▶ **Problem to solve**: Which lines in the records below contain the word "WallThickness"? Copy each of them.

Stored records
****

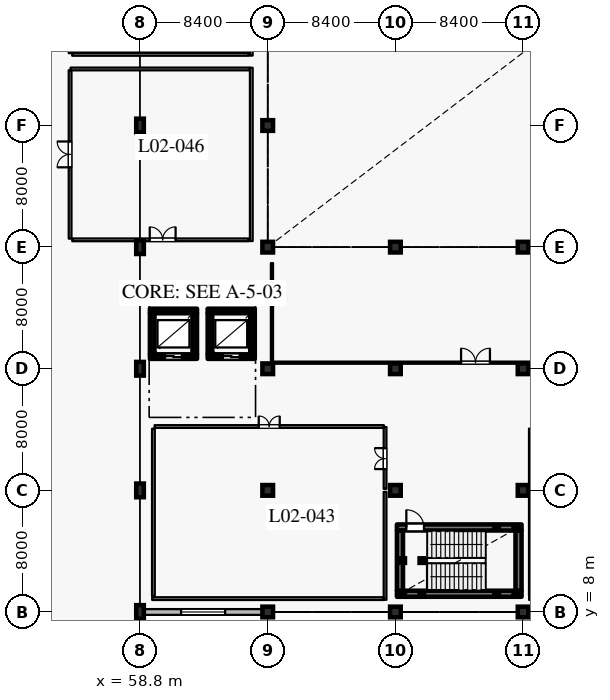
"""IFC4 building model, lengths in metres.
Left out: names, types, materials, properties, quantities, classifications, styles, units other than length and angle.
Written with IfcOpenShell. Run it as: python <this file> out.ifc"""

import sys

from ifc_helpers import new_model, si_unit, direction, frame, frame_2d, origin, origin_2d, place, context, subcontext, project, spatial, rectangle, hollow_rectangle, extrude, element, fill, save


model = new_model("IFC4")
c1 = context("Model", 3, precision=1e-05, world=origin(), true_north=direction((0.0, 1.0)))
c2 = subcontext(c1, "Body", "Model", "MODEL_VIEW")
j1 = project(units=[si_unit("LENGTHUNIT", "METRE"), si_unit("PLANEANGLEUNIT", "RADIAN")], contexts=[c1])
p1 = place(None, origin())
s1 = spatial("IfcSite", under=j1, at=p1, CompositionType="ELEMENT")
p2 = place(p1, origin())
s2 = spatial("IfcBuilding", under=s1, at=p2, CompositionType="ELEMENT")
p3 = place(p2, frame((0.0, 0.0, 11.4)))
s3 = spatial("IfcBuildingStorey", under=s2, at=p3, CompositionType="ELEMENT", Elevation=11.4)
for number, where, z_axis, x_axis in (
    (1, (58.8, 8.0, 0.0), (0.0, 0.0, 1.0), (1.0, 0.0, 0.0)),
    (2, (58.8, 16.0, 0.0), (0.0, 0.0, 1.0), (1.0, 0.0, 0.0)),
    (3, (58.8, 24.0, 0.0), (0.0, 0.0, 1.0), (1.0, 0.0, 0.0)),
    (4, (58.8, 32.0, 0.0), (0.0, 0.0, 1.0), (1.0, 0.0, 0.0)),
    (5, (58.8, 40.0, 0.0), (0.0, 0.0, 1.0), (1.0, 0.0, 0.0)),
):
    element("IfcColumn", number, at=place(p3, frame(where, z_axis=z_axis, x_axis=x_axis)), inside=s3, PredefinedType="COLUMN", context=c2, shape_type="SweptSolid", body=[
        extrude(hollow_rectangle(XDim=0.5, YDim=0.9, WallThickness=0.024, at=origin_2d()), origin(), (0.0, 0.0, 1.0), 4.8),
    ])
for number, where, z_axis, x_axis in (
    (6, (67.2, 8.0, 0.0), (0.0, 0.0, 1.0), (1.0, 0.0, 0.0)),
    (7, (67.2, 16.0, 0.0), (0.0, 0.0, 1.0), (1.0, 0.0, 0.0)),
    (8, (67.2, 24.0, 0.0), (0.0, 0.0, 1.0), (1.0, 0.0, 0.0)),
    (9, (67.2, 32.0, 0.0), (0.0, 0.0, 1.0), (1.0, 0.0, 0.0)),
    (10, (67.2, 40.0, 0.0), (0.0, 0.0, 1.0), (1.0, 0.0, 0.0)),
    (11, (75.6, 8.0, 0.0), (0.0, 0.0, 1.0), (1.0, 0.0, 0.0)),
    (12, (75.6, 16.0, 0.0), (0.0, 0.0, 1.0), (1.0, 0.0, 0.0)),
    (13, (75.6, 24.0, 0.0), (0.0, 0.0, 1.0), (1.0, 0.0, 0.0)),
    (14, (75.6, 32.0, 0.0), (0.0, 0.0, 1.0), (1.0, 0.0, 0.0)),
    (15, (84.0, 8.0, 0.0), (0.0, 0.0, 1.0), (1.0, 0.0, 0.0)),
    (16, (84.0, 16.0, 0.0), (0.0, 0.0, 1.0), (1.0, 0.0, 0.0)),
    (17, (84.0, 24.0, 0.0), (0.0, 0.0, 1.0), (1.0, 0.0, 0.0)),
    (18, (84.0, 32.0, 0.0), (0.0, 0.0, 1.0), (1.0, 0.0, 0.0)),
):
    element("IfcColumn", number, at=place(p3, frame(where, z_axis=z_axis, x_axis=x_axis)), inside=s3, PredefinedType="COLUMN", context=c2, shape_type="SweptSolid", body=[
        extrude(rectangle(XDim=0.7, YDim=0.7, at=origin_2d()), origin(), (0.0, 0.0, 1.0), 4.8),
    ])
p4 = place(p3, frame((66.85, 8.0, 0.0), z_axis=(0.0, 0.0, 1.0), x_axis=(-1.0, 0.0, 0.0)))
e19 = element("IfcWall", 19, at=p4, inside=s3, PredefinedType="SOLIDWALL", context=c2, shape_type="SweptSolid", body=[
    extrude(rectangle(XDim=7.8, YDim=0.38, at=frame_2d((3.9, 0.0))), origin(), (0.0, 0.0, 1.0), 3.84),
])
p5 = place(p4, frame((2.45, 0.0, 0.95)))
e20 = element("IfcOpeningElement", 20, at=p5, cuts=e19, PredefinedType="OPENING", context=c2, shape_type="SweptSolid", body=[
    extrude(rectangle(XDim=2.9, YDim=1.75, at=frame_2d((1.45, 0.875))), frame((0.0, 0.2, 0.0), z_axis=(0.0, -1.0, 0.0), x_axis=(1.0, 0.0, 0.0)), (0.0, 0.0, 1.0), 0.4),
])
p6 = place(p3, frame((59.45, 24.8, 0.0), z_axis=(0.0, 0.0, 1.0), x_axis=(1.0, 0.0, 0.0)))
e21 = element("IfcWall", 21, at=p6, inside=s3, PredefinedType="SHEAR", context=c2, shape_type="SweptSolid", body=[
    extrude(rectangle(XDim=3.1, YDim=0.3, at=frame_2d((1.55, 0.0))), origin(), (0.0, 0.0, 1.0), 4.535),
])
p7 = place(p6, frame((1.0, 0.0, 0.0)))
e22 = element("IfcOpeningElement", 22, at=p7, cuts=e21, PredefinedType="OPENING", context=c2, shape_type="SweptSolid", body=[
    extrude(rectangle(XDim=1.1, YDim=2.2, at=frame_2d((0.55, 1.1))), frame((0.0, 0.16, 0.0), z_axis=(0.0, -1.0, 0.0), x_axis=(1.0, 0.0, 0.0)), (0.0, 0.0, 1.0), 0.32),
])
p8 = place(p3, frame((62.4, 24.955, 0.0), z_axis=(0.0, 0.0, 1.0), x_axis=(0.0, 1.0, 0.0)))
e23 = element("IfcWall", 23, at=p8, inside=s3, PredefinedType="SHEAR", context=c2, shape_type="SweptSolid", body=[
    extrude(rectangle(XDim=2.69, YDim=0.3, at=frame_2d((1.345, 0.0))), origin(), (0.0, 0.0, 1.0), 4.535),
])
p9 = place(p3, frame((62.55, 27.8, 0.0), z_axis=(0.0, 0.0, 1.0), x_axis=(-1.0, 0.0, 0.0)))
e24 = element("IfcWall", 24, at=p9, inside=s3, PredefinedType="SHEAR", context=c2, shape_type="SweptSolid", body=[
    extrude(rectangle(XDim=3.1, YDim=0.3, at=frame_2d((1.55, 0.0))), origin(), (0.0, 0.0, 1.0), 4.535),
])
p10 = place(p3, frame((59.6, 27.645, 0.0), z_axis=(0.0, 0.0, 1.0), x_axis=(0.0, -1.0, 0.0)))
e25 = element("IfcWall", 25, at=p10, inside=s3, PredefinedType="SHEAR", context=c2, shape_type="SweptSolid", body=[
    extrude(rectangle(XDim=2.69, YDim=0.3, at=frame_2d((1.345, 0.0))), origin(), (0.0, 0.0, 1.0), 4.535),
])
p11 = place(p3, frame((63.25, 24.8, 0.0), z_axis=(0.0, 0.0, 1.0), x_axis=(1.0, 0.0, 0.0)))
e26 = element("IfcWall", 26, at=p11, inside=s3, PredefinedType="SHEAR", context=c2, shape_type="SweptSolid", body=[
    extrude(rectangle(XDim=3.1, YDim=0.3, at=frame_2d((1.55, 0.0))), origin(), (0.0, 0.0, 1.0), 4.535),
])
p12 = place(p11, frame((1.0, 0.0, 0.0)))
e27 = element("IfcOpeningElement", 27, at=p12, cuts=e26, PredefinedType="OPENING", context=c2, shape_type="SweptSolid", body=[
    extrude(rectangle(XDim=1.1, YDim=2.2, at=frame_2d((0.55, 1.1))), frame((0.0, 0.16, 0.0), z_axis=(0.0, -1.0, 0.0), x_axis=(1.0, 0.0, 0.0)), (0.0, 0.0, 1.0), 0.32),
])
p13 = place(p3, frame((66.2, 24.955, 0.0), z_axis=(0.0, 0.0, 1.0), x_axis=(0.0, 1.0, 0.0)))
e28 = element("IfcWall", 28, at=p13, inside=s3, PredefinedType="SHEAR", context=c2, shape_type="SweptSolid", body=[
    extrude(rectangle(XDim=2.69, YDim=0.3, at=frame_2d((1.345, 0.0))), origin(), (0.0, 0.0, 1.0), 4.535),
])
p14 = place(p3, frame((66.35, 27.8, 0.0), z_axis=(0.0, 0.0, 1.0), x_axis=(-1.0, 0.0, 0.0)))
e29 = element("IfcWall", 29, at=p14, inside=s3, PredefinedType="SHEAR", context=c2, shape_type="SweptSolid", body=[
    extrude(rectangle(XDim=3.1, YDim=0.3, at=frame_2d((1.55, 0.0))), origin(), (0.0, 0.0, 1.0), 4.535),
])
p15 = place(p3, frame((63.4, 27.645, 0.0), z_axis=(0.0, 0.0, 1.0), x_axis=(0.0, -1.0, 0.0)))
e30 = element("IfcWall", 30, at=p15, inside=s3, PredefinedType="SHEAR", context=c2, shape_type="SweptSolid", body=[
    extrude(rectangle(XDim=2.69, YDim=0.3, at=frame_2d((1.345, 0.0))), origin(), (0.0, 0.0, 1.0), 4.535),
])
p16 = place(p3, frame((75.7, 9.2, 0.0), z_axis=(0.0, 0.0, 1.0), x_axis=(1.0, 0.0, 0.0)))
e31 = element("IfcWall", 31, at=p16, inside=s3, PredefinedType="SHEAR", context=c2, shape_type="SweptSolid", body=[
    extrude(rectangle(XDim=8.2, YDim=0.4, at=frame_2d((4.1, 0.0))), origin(), (0.0, 0.0, 1.0), 4.535),
])
p17 = place(p3, frame((83.7, 9.405, 0.0), z_axis=(0.0, 0.0, 1.0), x_axis=(0.0, 1.0, 0.0)))
e32 = element("IfcWall", 32, at=p17, inside=s3, PredefinedType="SHEAR", context=c2, shape_type="SweptSolid", body=[
    extrude(rectangle(XDim=3.95, YDim=0.4, at=frame_2d((1.975, 0.0))), origin(), (0.0, 0.0, 1.0), 4.535),
])
p18 = place(p3, frame((75.7, 13.56, 0.0), z_axis=(0.0, 0.0, 1.0), x_axis=(1.0, 0.0, 0.0)))
e33 = element("IfcWall", 33, at=p18, inside=s3, PredefinedType="SHEAR", context=c2, shape_type="SweptSolid", body=[
    extrude(rectangle(XDim=8.2, YDim=0.4, at=frame_2d((4.1, 0.0))), origin(), (0.0, 0.0, 1.0), 4.535),
])
p19 = place(p18, frame((0.62, 0.0, 0.0)))
e34 = element("IfcOpeningElement", 34, at=p19, cuts=e33, PredefinedType="OPENING", context=c2, shape_type="SweptSolid", body=[
    extrude(rectangle(XDim=1.16, YDim=2.2, at=frame_2d((0.58, 1.1))), frame((0.0, 0.21, 0.0), z_axis=(0.0, -1.0, 0.0), x_axis=(1.0, 0.0, 0.0)), (0.0, 0.0, 1.0), 0.42),
])
p20 = place(p3, frame((75.9, 9.405, 0.0), z_axis=(0.0, 0.0, 1.0), x_axis=(0.0, 1.0, 0.0)))
e35 = element("IfcWall", 35, at=p20, inside=s3, PredefinedType="SHEAR", context=c2, shape_type="SweptSolid", body=[
    extrude(rectangle(XDim=3.95, YDim=0.4, at=frame_2d((1.975, 0.0))), origin(), (0.0, 0.0, 1.0), 4.535),
])
for number, where, z_axis, x_axis in (
    (36, (76.08, 9.2, 0.0), (0.0, 0.0, 1.0), (1.0, 0.0, 0.0)),
    (37, (76.08, 11.38, 0.0), (0.0, 0.0, 1.0), (1.0, 0.0, 0.0)),
    (38, (77.34, 9.2, 0.0), (0.0, 0.0, 1.0), (1.0, 0.0, 0.0)),
    (39, (77.34, 11.38, 0.0), (0.0, 0.0, 1.0), (1.0, 0.0, 0.0)),
):
    element("IfcColumn", number, at=place(p3, frame(where, z_axis=z_axis, x_axis=x_axis)), inside=s3, PredefinedType="COLUMN", context=c2, shape_type="SweptSolid", body=[
        extrude(hollow_rectangle(XDim=0.3, YDim=0.3, WallThickness=0.012, at=origin_2d()), origin(), (0.0, 0.0, 1.0), 4.62),
    ])
for number, where, z_axis, x_axis in (
    (40, (82.26, 9.2, -2.7), (0.0, 0.0, 1.0), (1.0, 0.0, 0.0)),
    (41, (82.26, 13.56, -2.7), (0.0, 0.0, 1.0), (1.0, 0.0, 0.0)),
    (42, (83.52, 9.2, -2.7), (0.0, 0.0, 1.0), (1.0, 0.0, 0.0)),
    (43, (83.52, 13.56, -2.7), (0.0, 0.0, 1.0), (1.0, 0.0, 0.0)),
):
    element("IfcColumn", number, at=place(p3, frame(where, z_axis=z_axis, x_axis=x_axis)), inside=s3, PredefinedType="COLUMN", context=c2, shape_type="SweptSolid", body=[
        extrude(hollow_rectangle(XDim=0.3, YDim=0.3, WallThickness=0.012, at=origin_2d()), origin(), (0.0, 0.0, 1.0), 4.92),
    ])
p21 = place(p3, frame((59.76, 20.2, 0.0), z_axis=(0.0, 0.0, 1.0), x_axis=(1.0, 0.0, 0.0)))
e44 = element("IfcWall", 44, at=p21, inside=s3, PredefinedType="PARTITIONING", context=c2, shape_type="SweptSolid", body=[
    extrude(rectangle(XDim=15.08, YDim=0.18, at=frame_2d((7.54, 0.0))), origin(), (0.0, 0.0, 1.0), 4.535),
])
p22 = place(p21, frame((6.85, 0.0, 0.0)))
e45 = element("IfcOpeningElement", 45, at=p22, cuts=e44, PredefinedType="OPENING", context=c2, shape_type="SweptSolid", body=[
    extrude(rectangle(XDim=1.38, YDim=2.3, at=frame_2d((0.69, 1.15))), frame((0.0, 0.1, 0.0), z_axis=(0.0, -1.0, 0.0), x_axis=(1.0, 0.0, 0.0)), (0.0, 0.0, 1.0), 0.2),
])
for number, where, z_axis, x_axis in (
    (46, (59.68, 9.05, 0.0), (0.0, 0.0, 1.0), (0.0, 1.0, 0.0)),
    (47, (84.48, 9.05, 0.0), (0.0, 0.0, 1.0), (0.0, 1.0, 0.0)),
):
    element("IfcWall", number, at=place(p3, frame(where, z_axis=z_axis, x_axis=x_axis)), inside=s3, PredefinedType="PARTITIONING", context=c2, shape_type="SweptSolid", body=[
        extrude(rectangle(XDim=11.01, YDim=0.18, at=frame_2d((5.505, 0.0))), origin(), (0.0, 0.0, 1.0), 4.535),
    ])
p23 = place(p3, frame((67.56, 24.4, 0.0), z_axis=(0.0, 0.0, 1.0), x_axis=(1.0, 0.0, 0.0)))
e48 = element("IfcWall", 48, at=p23, inside=s3, PredefinedType="PARTITIONING", context=c2, shape_type="SweptSolid", body=[
    extrude(rectangle(XDim=32.68, YDim=0.14, at=frame_2d((16.34, 0.0))), origin(), (0.0, 0.0, 1.0), 4.535),
])
p24 = place(p23, frame((12.36, 0.0, 0.0)))
e49 = element("IfcOpeningElement", 49, at=p24, cuts=e48, PredefinedType="OPENING", context=c2, shape_type="SweptSolid", body=[
    extrude(rectangle(XDim=1.9, YDim=2.4, at=frame_2d((0.95, 1.2))), frame((0.0, 0.08, 0.0), z_axis=(0.0, -1.0, 0.0), x_axis=(1.0, 0.0, 0.0)), (0.0, 0.0, 1.0), 0.16),
])
p25 = place(p3, frame((67.48, 24.54, 0.0), z_axis=(0.0, 0.0, 1.0), x_axis=(0.0, 1.0, 0.0)))
e50 = element("IfcWall", 50, at=p25, inside=s3, PredefinedType="PARTITIONING", context=c2, shape_type="SweptSolid", body=[
    extrude(rectangle(XDim=6.41, YDim=0.14, at=frame_2d((3.205, 0.0))), origin(), (0.0, 0.0, 1.0), 4.535),
])
p26 = place(p3, frame((54.2, 32.56, 0.0), z_axis=(0.0, 0.0, 1.0), x_axis=(0.0, 1.0, 0.0)))
e51 = element("IfcWall", 51, at=p26, inside=s3, PredefinedType="PARTITIONING", context=c2, shape_type="SweptSolid", body=[
    extrude(rectangle(XDim=11.08, YDim=0.18, at=frame_2d((5.54, 0.0))), origin(), (0.0, 0.0, 1.0), 4.535),
])
p27 = place(p26, frame((4.69, 0.0, 0.0)))
e52 = element("IfcOpeningElement", 52, at=p27, cuts=e51, PredefinedType="OPENING", context=c2, shape_type="SweptSolid", body=[
    extrude(rectangle(XDim=1.7, YDim=2.3, at=frame_2d((0.85, 1.15))), frame((0.0, 0.1, 0.0), z_axis=(0.0, -1.0, 0.0), x_axis=(1.0, 0.0, 0.0)), (0.0, 0.0, 1.0), 0.2),
])
p28 = place(p3, frame((54.34, 32.48, 0.0), z_axis=(0.0, 0.0, 1.0), x_axis=(1.0, 0.0, 0.0)))
e53 = element("IfcWall", 53, at=p28, inside=s3, PredefinedType="PARTITIONING", context=c2, shape_type="SweptSolid", body=[
    extrude(rectangle(XDim=11.61, YDim=0.18, at=frame_2d((5.805, 0.0))), origin(), (0.0, 0.0, 1.0), 4.535),
])
p29 = place(p28, frame((5.1, 0.0, 0.0)))
e54 = element("IfcOpeningElement", 54, at=p29, cuts=e53, PredefinedType="OPENING", context=c2, shape_type="SweptSolid", body=[
    extrude(rectangle(XDim=1.7, YDim=2.3, at=frame_2d((0.85, 1.15))), frame((0.0, 0.1, 0.0), z_axis=(0.0, -1.0, 0.0), x_axis=(1.0, 0.0, 0.0)), (0.0, 0.0, 1.0), 0.2),
])
p30 = place(p3, frame((54.2, 44.76, 0.0), z_axis=(0.0, 0.0, 1.0), x_axis=(0.0, 1.0, 0.0)))
e55 = element("IfcWall", 55, at=p30, inside=s3, PredefinedType="PARTITIONING", context=c2, shape_type="SweptSolid", body=[
    extrude(rectangle(XDim=10.48, YDim=0.18, at=frame_2d((5.24, 0.0))), origin(), (0.0, 0.0, 1.0), 4.535),
])
p31 = place(p30, frame((1.5, 0.0, 0.0)))
e56 = element("IfcOpeningElement", 56, at=p31, cuts=e55, PredefinedType="OPENING", context=c2, shape_type="SweptSolid", body=[
    extrude(rectangle(XDim=1.7, YDim=2.3, at=frame_2d((0.85, 1.15))), frame((0.0, 0.1, 0.0), z_axis=(0.0, -1.0, 0.0), x_axis=(1.0, 0.0, 0.0)), (0.0, 0.0, 1.0), 0.2),
])
p32 = place(p30, frame((7.2, 0.0, 0.0)))
e57 = element("IfcOpeningElement", 57, at=p32, cuts=e55, PredefinedType="OPENING", context=c2, shape_type="SweptSolid", body=[
    extrude(rectangle(XDim=1.7, YDim=2.3, at=frame_2d((0.85, 1.15))), frame((0.0, 0.1, 0.0), z_axis=(0.0, -1.0, 0.0), x_axis=(1.0, 0.0, 0.0)), (0.0, 0.0, 1.0), 0.2),
])
p33 = place(p3, frame((54.34, 44.68, 0.0), z_axis=(0.0, 0.0, 1.0), x_axis=(1.0, 0.0, 0.0)))
e58 = element("IfcWall", 58, at=p33, inside=s3, PredefinedType="PARTITIONING", context=c2, shape_type="SweptSolid", body=[
    extrude(rectangle(XDim=11.61, YDim=0.18, at=frame_2d((5.805, 0.0))), origin(), (0.0, 0.0, 1.0), 4.535),
])
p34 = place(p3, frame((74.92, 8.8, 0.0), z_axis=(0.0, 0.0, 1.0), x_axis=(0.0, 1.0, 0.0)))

****

▶ **Response area**:
        extrude(hollow_rectangle(XDim=0.5, YDim=0.9, WallThickness=0.024, at=origin_2d()), origin(), (0.0, 0.0, 1.0), 4.8),
        extrude(hollow_rectangle(XDim=0.3, YDim=0.3, WallThickness=0.012, at=origin_2d()), origin(), (0.0, 0.0, 1.0), 4.62),
        extrude(hollow_rectangle(XDim=0.3, YDim=0.3, WallThickness=0.012, at=origin_2d()), origin(), (0.0, 0.0, 1.0), 4.92),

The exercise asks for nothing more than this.